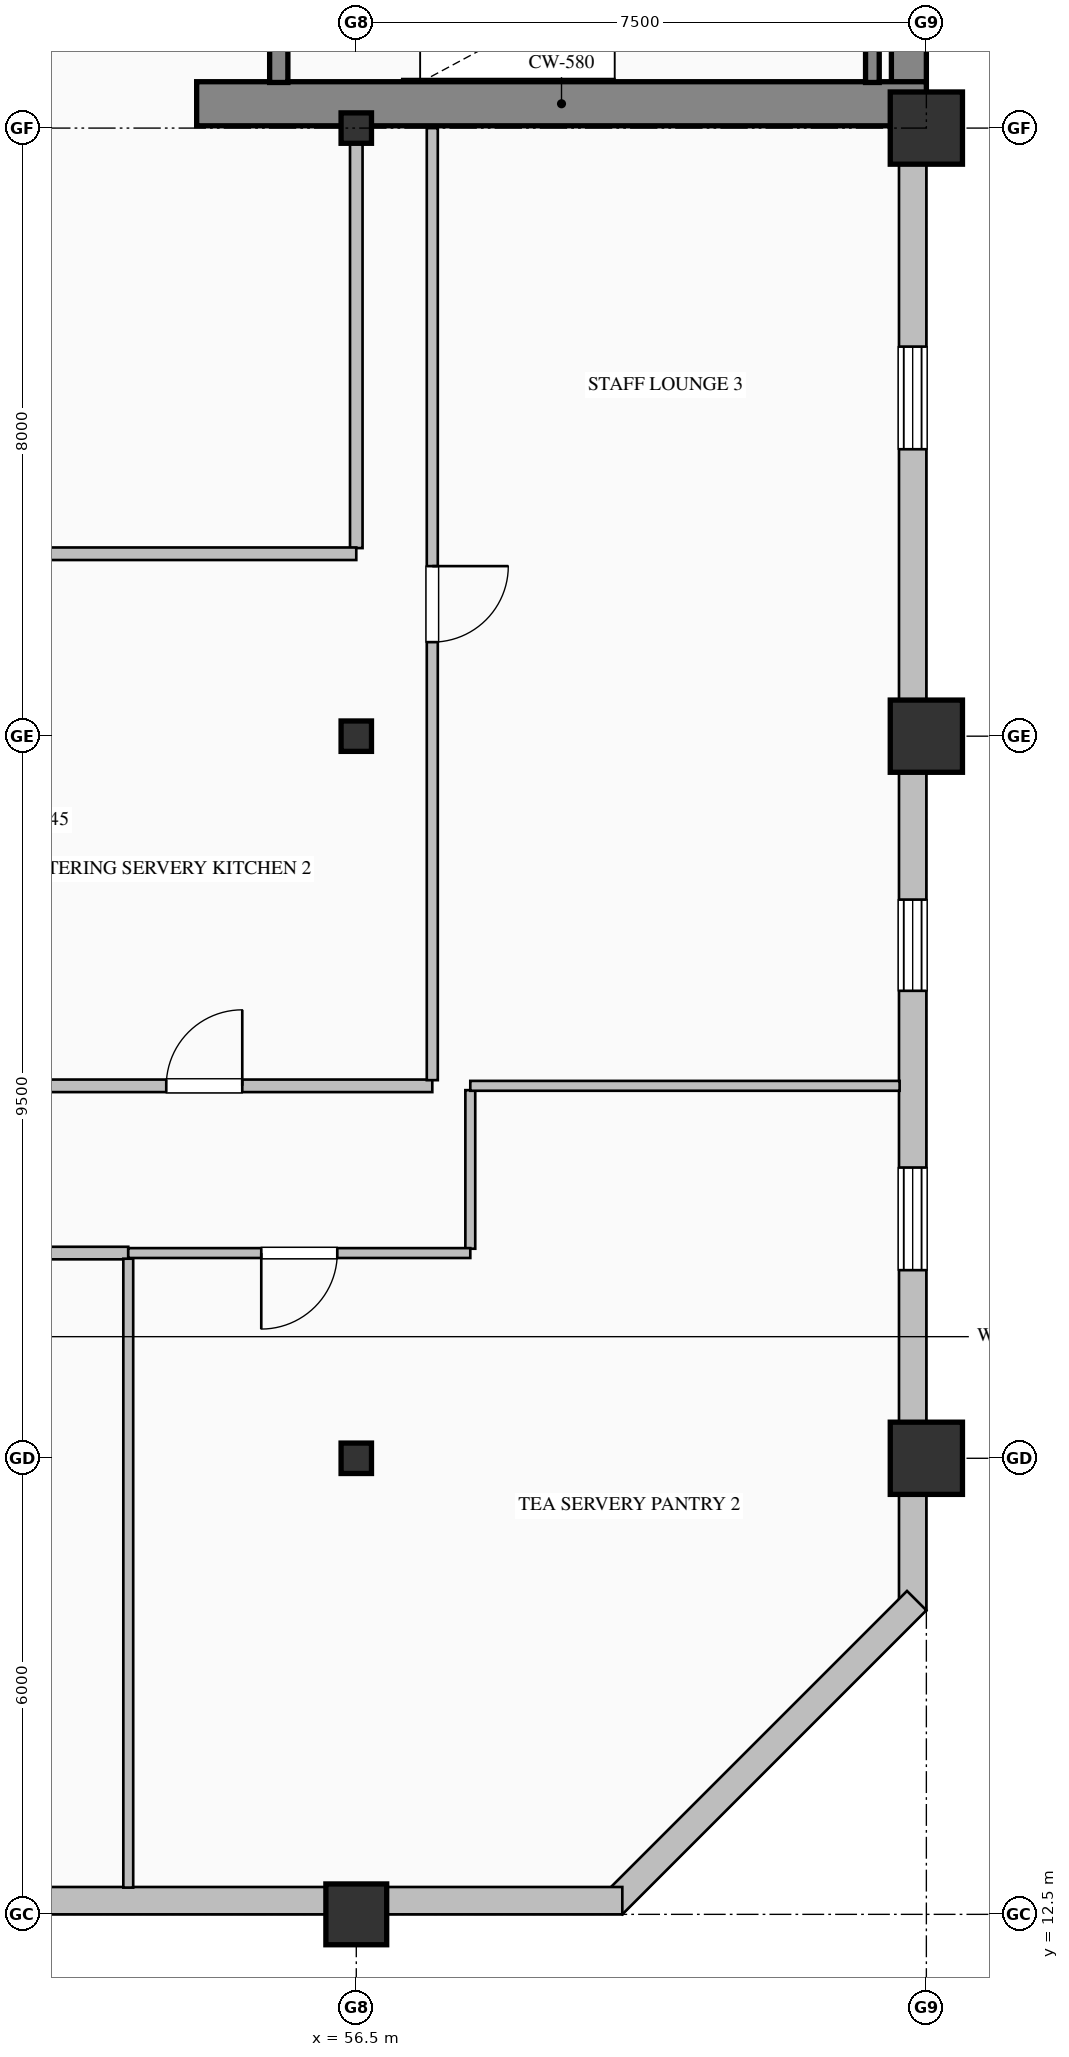
"""IFC4 building model, lengths in metres.
Left out: names, types, materials, properties, quantities, classifications, styles, units other than length and angle.
Written with IfcOpenShell. Run it as: python <this file> out.ifc"""

import sys

from ifc_helpers import new_model, si_unit, direction, frame, frame_2d, origin, origin_2d, place, context, subcontext, project, spatial, rectangle, hollow_rectangle, i_section, extrude, element, fill, save


model = new_model("IFC4")
c1 = context("Model", 3, precision=1e-05, world=origin(), true_north=direction((0.0, 1.0)))
c2 = subcontext(c1, "Body", "Model", "MODEL_VIEW")
j1 = project(units=[si_unit("LENGTHUNIT", "METRE"), si_unit("PLANEANGLEUNIT", "RADIAN")], contexts=[c1])
p1 = place(None, origin())
s1 = spatial("IfcSite", under=j1, at=p1, CompositionType="ELEMENT")
p2 = place(p1, origin())
s2 = spatial("IfcBuilding", under=s1, at=p2, CompositionType="ELEMENT")
p3 = place(p2, frame((0.0, 0.0, 241.8)))
s3 = spatial("IfcBuildingStorey", under=s2, at=p3, CompositionType="ELEMENT", Elevation=241.8)
p4 = place(p3, frame((63.77, 36.32, 0.0), z_axis=(0.0, 0.0, 1.0), x_axis=(0.0, 1.0, 0.0)))
e1 = element("IfcWall", 1, at=p4, inside=s3, PredefinedType="SHEAR", context=c2, shape_type="SweptSolid", body=[
    extrude(rectangle(XDim=15.22, YDim=0.46, at=frame_2d((7.61, 0.0))), origin(), (0.0, 0.0, 1.0), 3.775),
])
p5 = place(p3, frame((54.4, 36.32, 0.0), z_axis=(0.0, 0.0, 1.0), x_axis=(1.0, 0.0, 0.0)))
e2 = element("IfcWall", 2, at=p5, inside=s3, PredefinedType="SHEAR", context=c2, shape_type="SweptSolid", body=[
    extrude(rectangle(XDim=9.6, YDim=0.58, at=frame_2d((4.8, 0.0))), origin(), (0.0, 0.0, 1.0), 4.0),
])
p6 = place(p3, frame((56.5, 12.5, 0.0), z_axis=(0.0, 0.0, 1.0), x_axis=(1.0, 0.0, 0.0)))
e3 = element("IfcColumn", 3, at=p6, inside=s3, PredefinedType="COLUMN", context=c2, shape_type="SweptSolid", body=[
    extrude(hollow_rectangle(XDim=0.8, YDim=0.8, WallThickness=0.032, at=origin_2d()), origin(), (0.0, 0.0, 1.0), 4.0),
])
for number, where, z_axis, x_axis in (
    (4, (56.5, 18.5, 0.0), (0.0, 0.0, 1.0), (1.0, 0.0, 0.0)),
    (5, (56.5, 28.0, 0.0), (0.0, 0.0, 1.0), (1.0, 0.0, 0.0)),
    (6, (56.5, 36.0, 0.0), (0.0, 0.0, 1.0), (1.0, 0.0, 0.0)),
):
    element("IfcColumn", number, at=place(p3, frame(where, z_axis=z_axis, x_axis=x_axis)), inside=s3, PredefinedType="COLUMN", context=c2, shape_type="SweptSolid", body=[
        extrude(i_section(OverallWidth=0.4, OverallDepth=0.4, WebThickness=0.013, FlangeThickness=0.021, FilletRadius=0.022, at=origin_2d()), origin(), (0.0, 0.0, 1.0), 4.0),
    ])
for number, where, z_axis, x_axis in (
    (7, (64.0, 18.5, 0.0), (0.0, 0.0, 1.0), (1.0, 0.0, 0.0)),
    (8, (64.0, 28.0, 0.0), (0.0, 0.0, 1.0), (1.0, 0.0, 0.0)),
    (9, (64.0, 36.0, 0.0), (0.0, 0.0, 1.0), (1.0, 0.0, 0.0)),
):
    element("IfcColumn", number, at=place(p3, frame(where, z_axis=z_axis, x_axis=x_axis)), inside=s3, PredefinedType="COLUMN", context=c2, shape_type="SweptSolid", body=[
        extrude(hollow_rectangle(XDim=0.95, YDim=0.95, WallThickness=0.036, at=origin_2d()), origin(), (0.0, 0.0, 1.0), 4.0),
    ])
p7 = place(p3, frame((63.82, 36.05, 0.0), z_axis=(0.0, 0.0, 1.0), x_axis=(0.0, -1.0, 0.0)))
e10 = element("IfcWall", 10, at=p7, inside=s3, PredefinedType="SOLIDWALL", context=c2, shape_type="SweptSolid", body=[
    extrude(rectangle(XDim=19.55, YDim=0.36, at=frame_2d((9.775, 0.0))), origin(), (0.0, 0.0, 1.0), 3.325),
])
p8 = place(p7, frame((2.925, 0.0, 0.9)))
e11 = element("IfcOpeningElement", 11, at=p8, cuts=e10, PredefinedType="OPENING", context=c2, shape_type="SweptSolid", body=[
    extrude(rectangle(XDim=1.35, YDim=1.85, at=frame_2d((0.675, 0.925))), frame((0.0, 0.19, 0.0), z_axis=(0.0, -1.0, 0.0), x_axis=(1.0, 0.0, 0.0)), (0.0, 0.0, 1.0), 0.38),
])
p9 = place(p7, frame((10.2, 0.0, 0.9)))
e12 = element("IfcOpeningElement", 12, at=p9, cuts=e10, PredefinedType="OPENING", context=c2, shape_type="SweptSolid", body=[
    extrude(rectangle(XDim=1.2, YDim=1.85, at=frame_2d((0.6, 0.925))), frame((0.0, 0.19, 0.0), z_axis=(0.0, -1.0, 0.0), x_axis=(1.0, 0.0, 0.0)), (0.0, 0.0, 1.0), 0.38),
])
p10 = place(p7, frame((13.725, 0.0, 0.9)))
e13 = element("IfcOpeningElement", 13, at=p10, cuts=e10, PredefinedType="OPENING", context=c2, shape_type="SweptSolid", body=[
    extrude(rectangle(XDim=1.35, YDim=1.85, at=frame_2d((0.675, 0.925))), frame((0.0, 0.19, 0.0), z_axis=(0.0, -1.0, 0.0), x_axis=(1.0, 0.0, 0.0)), (0.0, 0.0, 1.0), 0.38),
])
p11 = place(p3, frame((63.873, 16.627, 0.0), z_axis=(0.0, 0.0, 1.0), x_axis=(-0.707106781187, -0.707106781187, 0.0)))
e14 = element("IfcWall", 14, at=p11, inside=s3, PredefinedType="SOLIDWALL", context=c2, shape_type="SweptSolid", body=[
    extrude(rectangle(XDim=5.657, YDim=0.36, at=frame_2d((2.828, 0.0))), origin(), (0.0, 0.0, 1.0), 3.775),
])
p12 = place(p3, frame((60.0, 12.68, 0.0), z_axis=(0.0, 0.0, 1.0), x_axis=(-1.0, 0.0, 0.0)))
e15 = element("IfcWall", 15, at=p12, inside=s3, PredefinedType="SOLIDWALL", context=c2, shape_type="SweptSolid", body=[
    extrude(rectangle(XDim=15.5, YDim=0.36, at=frame_2d((7.75, 0.0))), origin(), (0.0, 0.0, 1.0), 3.325),
])
p13 = place(p3, frame((55.48, 39.75, 0.0), z_axis=(0.0, 0.0, 1.0), x_axis=(0.0, -1.0, 0.0)))
e16 = element("IfcWall", 16, at=p13, inside=s3, PredefinedType="SOLIDWALL", context=c2, shape_type="SweptSolid", body=[
    extrude(rectangle(XDim=3.15, YDim=0.24, at=frame_2d((1.575, 0.0))), origin(), (0.0, 0.0, 1.0), 4.0),
])
p14 = place(p13, frame((1.0, 0.0, 0.0)))
e17 = element("IfcOpeningElement", 17, at=p14, cuts=e16, PredefinedType="OPENING", context=c2, shape_type="SweptSolid", body=[
    extrude(rectangle(XDim=1.15, YDim=2.2, at=frame_2d((0.575, 1.1))), frame((0.0, 0.13, 0.0), z_axis=(0.0, -1.0, 0.0), x_axis=(1.0, 0.0, 0.0)), (0.0, 0.0, 1.0), 0.26),
])
p15 = place(p3, frame((63.29, 36.6, 0.0), z_axis=(0.0, 0.0, 1.0), x_axis=(0.0, 1.0, 0.0)))
e18 = element("IfcWall", 18, at=p15, inside=s3, PredefinedType="SOLIDWALL", context=c2, shape_type="SweptSolid", body=[
    extrude(rectangle(XDim=3.15, YDim=0.18, at=frame_2d((1.575, 0.0))), origin(), (0.0, 0.0, 1.0), 4.0),
])
p16 = place(p3, frame((56.5, 36.0, 0.0), z_axis=(0.0, 0.0, 1.0), x_axis=(0.0, -1.0, 0.0)))
e19 = element("IfcWall", 19, at=p16, inside=s3, PredefinedType="PARTITIONING", context=c2, shape_type="SweptSolid", body=[
    extrude(rectangle(XDim=5.525, YDim=0.165, at=frame_2d((2.763, 0.0))), origin(), (0.0, 0.0, 1.0), 3.179),
])
p17 = place(p3, frame((56.5, 30.4, 0.0), z_axis=(0.0, 0.0, 1.0), x_axis=(-1.0, 0.0, 0.0)))
e20 = element("IfcWall", 20, at=p17, inside=s3, PredefinedType="PARTITIONING", context=c2, shape_type="SweptSolid", body=[
    extrude(rectangle(XDim=5.0, YDim=0.165, at=frame_2d((2.5, 0.0))), origin(), (0.0, 0.0, 1.0), 3.775),
])
p18 = place(p3, frame((51.5, 23.4, 0.0), z_axis=(0.0, 0.0, 1.0), x_axis=(1.0, 0.0, 0.0)))
e21 = element("IfcWall", 21, at=p18, inside=s3, PredefinedType="PARTITIONING", context=c2, shape_type="SweptSolid", body=[
    extrude(rectangle(XDim=6.0, YDim=0.165, at=frame_2d((3.0, 0.0))), origin(), (0.0, 0.0, 1.0), 3.467),
])
p19 = place(p18, frame((2.5, 0.0, 0.0)))
e22 = element("IfcOpeningElement", 22, at=p19, cuts=e21, PredefinedType="OPENING", context=c2, shape_type="SweptSolid", body=[
    extrude(rectangle(XDim=1.0, YDim=2.15, at=frame_2d((0.5, 1.075))), frame((0.0, 0.093, 0.0), z_axis=(0.0, -1.0, 0.0), x_axis=(1.0, 0.0, 0.0)), (0.0, 0.0, 1.0), 0.185),
])
p20 = place(p3, frame((53.5, 21.2, 0.0), z_axis=(0.0, 0.0, 1.0), x_axis=(-1.0, 0.0, 0.0)))
e23 = element("IfcWall", 23, at=p20, inside=s3, PredefinedType="PARTITIONING", context=c2, shape_type="SweptSolid", body=[
    extrude(rectangle(XDim=8.3, YDim=0.165, at=frame_2d((4.15, 0.0))), origin(), (0.0, 0.0, 1.0), 3.775),
])
p21 = place(p3, frame((58.0, 23.343, 0.0), z_axis=(0.0, 0.0, 1.0), x_axis=(0.0, -1.0, 0.0)))
e24 = element("IfcWall", 24, at=p21, inside=s3, PredefinedType="PARTITIONING", context=c2, shape_type="SweptSolid", body=[
    extrude(rectangle(XDim=2.086, YDim=0.13, at=frame_2d((1.043, 0.0))), origin(), (0.0, 0.0, 1.0), 3.775),
])
p22 = place(p3, frame((58.0, 21.2, 0.0), z_axis=(0.0, 0.0, 1.0), x_axis=(-1.0, 0.0, 0.0)))
e25 = element("IfcWall", 25, at=p22, inside=s3, PredefinedType="PARTITIONING", context=c2, shape_type="SweptSolid", body=[
    extrude(rectangle(XDim=4.5, YDim=0.13, at=frame_2d((2.25, 0.0))), origin(), (0.0, 0.0, 1.0), 3.775),
])
p23 = place(p22, frame((1.75, 0.0, 0.0)))
e26 = element("IfcOpeningElement", 26, at=p23, cuts=e25, PredefinedType="OPENING", context=c2, shape_type="SweptSolid", body=[
    extrude(rectangle(XDim=1.0, YDim=2.15, at=frame_2d((0.5, 1.075))), frame((0.0, 0.075, 0.0), z_axis=(0.0, -1.0, 0.0), x_axis=(1.0, 0.0, 0.0)), (0.0, 0.0, 1.0), 0.15),
])
p24 = place(p3, frame((57.5, 36.0, 0.0), z_axis=(0.0, 0.0, 1.0), x_axis=(0.0, -1.0, 0.0)))
e27 = element("IfcWall", 27, at=p24, inside=s3, PredefinedType="PARTITIONING", context=c2, shape_type="SweptSolid", body=[
    extrude(rectangle(XDim=12.525, YDim=0.145, at=frame_2d((6.263, 0.0))), origin(), (0.0, 0.0, 1.0), 3.775),
])
p25 = place(p24, frame((5.763, 0.0, 0.0)))
e28 = element("IfcOpeningElement", 28, at=p25, cuts=e27, PredefinedType="OPENING", context=c2, shape_type="SweptSolid", body=[
    extrude(rectangle(XDim=1.0, YDim=2.15, at=frame_2d((0.5, 1.075))), frame((0.0, 0.083, 0.0), z_axis=(0.0, -1.0, 0.0), x_axis=(1.0, 0.0, 0.0)), (0.0, 0.0, 1.0), 0.165),
])
p26 = place(p3, frame((63.648, 23.4, 0.0), z_axis=(0.0, 0.0, 1.0), x_axis=(-1.0, 0.0, 0.0)))
e29 = element("IfcWall", 29, at=p26, inside=s3, PredefinedType="PARTITIONING", context=c2, shape_type="SweptSolid", body=[
    extrude(rectangle(XDim=5.648, YDim=0.13, at=frame_2d((2.824, 0.0))), origin(), (0.0, 0.0, 1.0), 3.775),
])
p27 = place(p3, frame((53.5, 21.125, 0.0), z_axis=(0.0, 0.0, 1.0), x_axis=(0.0, -1.0, 0.0)))
e30 = element("IfcWall", 30, at=p27, inside=s3, PredefinedType="PARTITIONING", context=c2, shape_type="SweptSolid", body=[
    extrude(rectangle(XDim=8.273, YDim=0.13, at=frame_2d((4.137, 0.0))), origin(), (0.0, 0.0, 1.0), 3.775),
])
p28 = place(p8, origin())
e31 = element("IfcWindow", 31, at=p28, inside=s3, PartitioningType="DOUBLE_PANEL_VERTICAL", PredefinedType="WINDOW", context=c2, shape_type="SweptSolid", body=[
    extrude(rectangle(XDim=1.35, YDim=1.85, at=frame_2d((0.675, 0.925))), frame((0.0, 0.15, 0.0), z_axis=(0.0, -1.0, 0.0), x_axis=(1.0, 0.0, 0.0)), (0.0, 0.0, 1.0), 0.06),
])
fill(e11, e31)
p29 = place(p9, origin())
e32 = element("IfcWindow", 32, at=p29, inside=s3, PartitioningType="DOUBLE_PANEL_VERTICAL", PredefinedType="WINDOW", context=c2, shape_type="SweptSolid", body=[
    extrude(rectangle(XDim=1.2, YDim=1.85, at=frame_2d((0.6, 0.925))), frame((0.0, 0.15, 0.0), z_axis=(0.0, -1.0, 0.0), x_axis=(1.0, 0.0, 0.0)), (0.0, 0.0, 1.0), 0.06),
])
fill(e12, e32)
p30 = place(p10, origin())
e33 = element("IfcWindow", 33, at=p30, inside=s3, PartitioningType="DOUBLE_PANEL_VERTICAL", PredefinedType="WINDOW", context=c2, shape_type="SweptSolid", body=[
    extrude(rectangle(XDim=1.35, YDim=1.85, at=frame_2d((0.675, 0.925))), frame((0.0, 0.15, 0.0), z_axis=(0.0, -1.0, 0.0), x_axis=(1.0, 0.0, 0.0)), (0.0, 0.0, 1.0), 0.06),
])
fill(e13, e33)
p31 = place(p19, origin())
e34 = element("IfcDoor", 34, at=p31, inside=s3, OperationType="SINGLE_SWING_RIGHT", PredefinedType="DOOR", context=c2, shape_type="SweptSolid", body=[
    extrude(rectangle(XDim=1.0, YDim=2.15, at=frame_2d((0.5, 1.075))), frame((0.0, 0.025, 0.0), z_axis=(0.0, -1.0, 0.0), x_axis=(1.0, 0.0, 0.0)), (0.0, 0.0, 1.0), 0.05),
])
fill(e22, e34)
p32 = place(p25, origin())
e35 = element("IfcDoor", 35, at=p32, inside=s3, OperationType="SINGLE_SWING_LEFT", PredefinedType="DOOR", context=c2, shape_type="SweptSolid", body=[
    extrude(rectangle(XDim=1.0, YDim=2.15, at=frame_2d((0.5, 1.075))), frame((0.0, 0.025, 0.0), z_axis=(0.0, -1.0, 0.0), x_axis=(1.0, 0.0, 0.0)), (0.0, 0.0, 1.0), 0.05),
])
fill(e28, e35)
p33 = place(p23, origin())
e36 = element("IfcDoor", 36, at=p33, inside=s3, OperationType="SINGLE_SWING_RIGHT", PredefinedType="DOOR", context=c2, shape_type="SweptSolid", body=[
    extrude(rectangle(XDim=1.0, YDim=2.15, at=frame_2d((0.5, 1.075))), frame((0.0, 0.025, 0.0), z_axis=(0.0, -1.0, 0.0), x_axis=(1.0, 0.0, 0.0)), (0.0, 0.0, 1.0), 0.05),
])
fill(e26, e36)
save(model, sys.argv[1])
=======
[Goal of the exercise]: Once the line that contains "fill(e12, e32)" is found, please give it again exactly, along with each line that comes after it, through the last line of the entries.

[Exercise result]:
fill(e12, e32)
p30 = place(p10, origin())
e33 = element("IfcWindow", 33, at=p30, inside=s3, PartitioningType="DOUBLE_PANEL_VERTICAL", PredefinedType="WINDOW", context=c2, shape_type="SweptSolid", body=[
    extrude(rectangle(XDim=1.35, YDim=1.85, at=frame_2d((0.675, 0.925))), frame((0.0, 0.15, 0.0), z_axis=(0.0, -1.0, 0.0), x_axis=(1.0, 0.0, 0.0)), (0.0, 0.0, 1.0), 0.06),
])
fill(e13, e33)
p31 = place(p19, origin())
e34 = element("IfcDoor", 34, at=p31, inside=s3, OperationType="SINGLE_SWING_RIGHT", PredefinedType="DOOR", context=c2, shape_type="SweptSolid", body=[
    extrude(rectangle(XDim=1.0, YDim=2.15, at=frame_2d((0.5, 1.075))), frame((0.0, 0.025, 0.0), z_axis=(0.0, -1.0, 0.0), x_axis=(1.0, 0.0, 0.0)), (0.0, 0.0, 1.0), 0.05),
])
fill(e22, e34)
p32 = place(p25, origin())
e35 = element("IfcDoor", 35, at=p32, inside=s3, OperationType="SINGLE_SWING_LEFT", PredefinedType="DOOR", context=c2, shape_type="SweptSolid", body=[
    extrude(rectangle(XDim=1.0, YDim=2.15, at=frame_2d((0.5, 1.075))), frame((0.0, 0.025, 0.0), z_axis=(0.0, -1.0, 0.0), x_axis=(1.0, 0.0, 0.0)), (0.0, 0.0, 1.0), 0.05),
])
fill(e28, e35)
p33 = place(p23, origin())
e36 = element("IfcDoor", 36, at=p33, inside=s3, OperationType="SINGLE_SWING_RIGHT", PredefinedType="DOOR", context=c2, shape_type="SweptSolid", body=[
    extrude(rectangle(XDim=1.0, YDim=2.15, at=frame_2d((0.5, 1.075))), frame((0.0, 0.025, 0.0), z_axis=(0.0, -1.0, 0.0), x_axis=(1.0, 0.0, 0.0)), (0.0, 0.0, 1.0), 0.05),
])
fill(e26, e36)
save(model, sys.argv[1])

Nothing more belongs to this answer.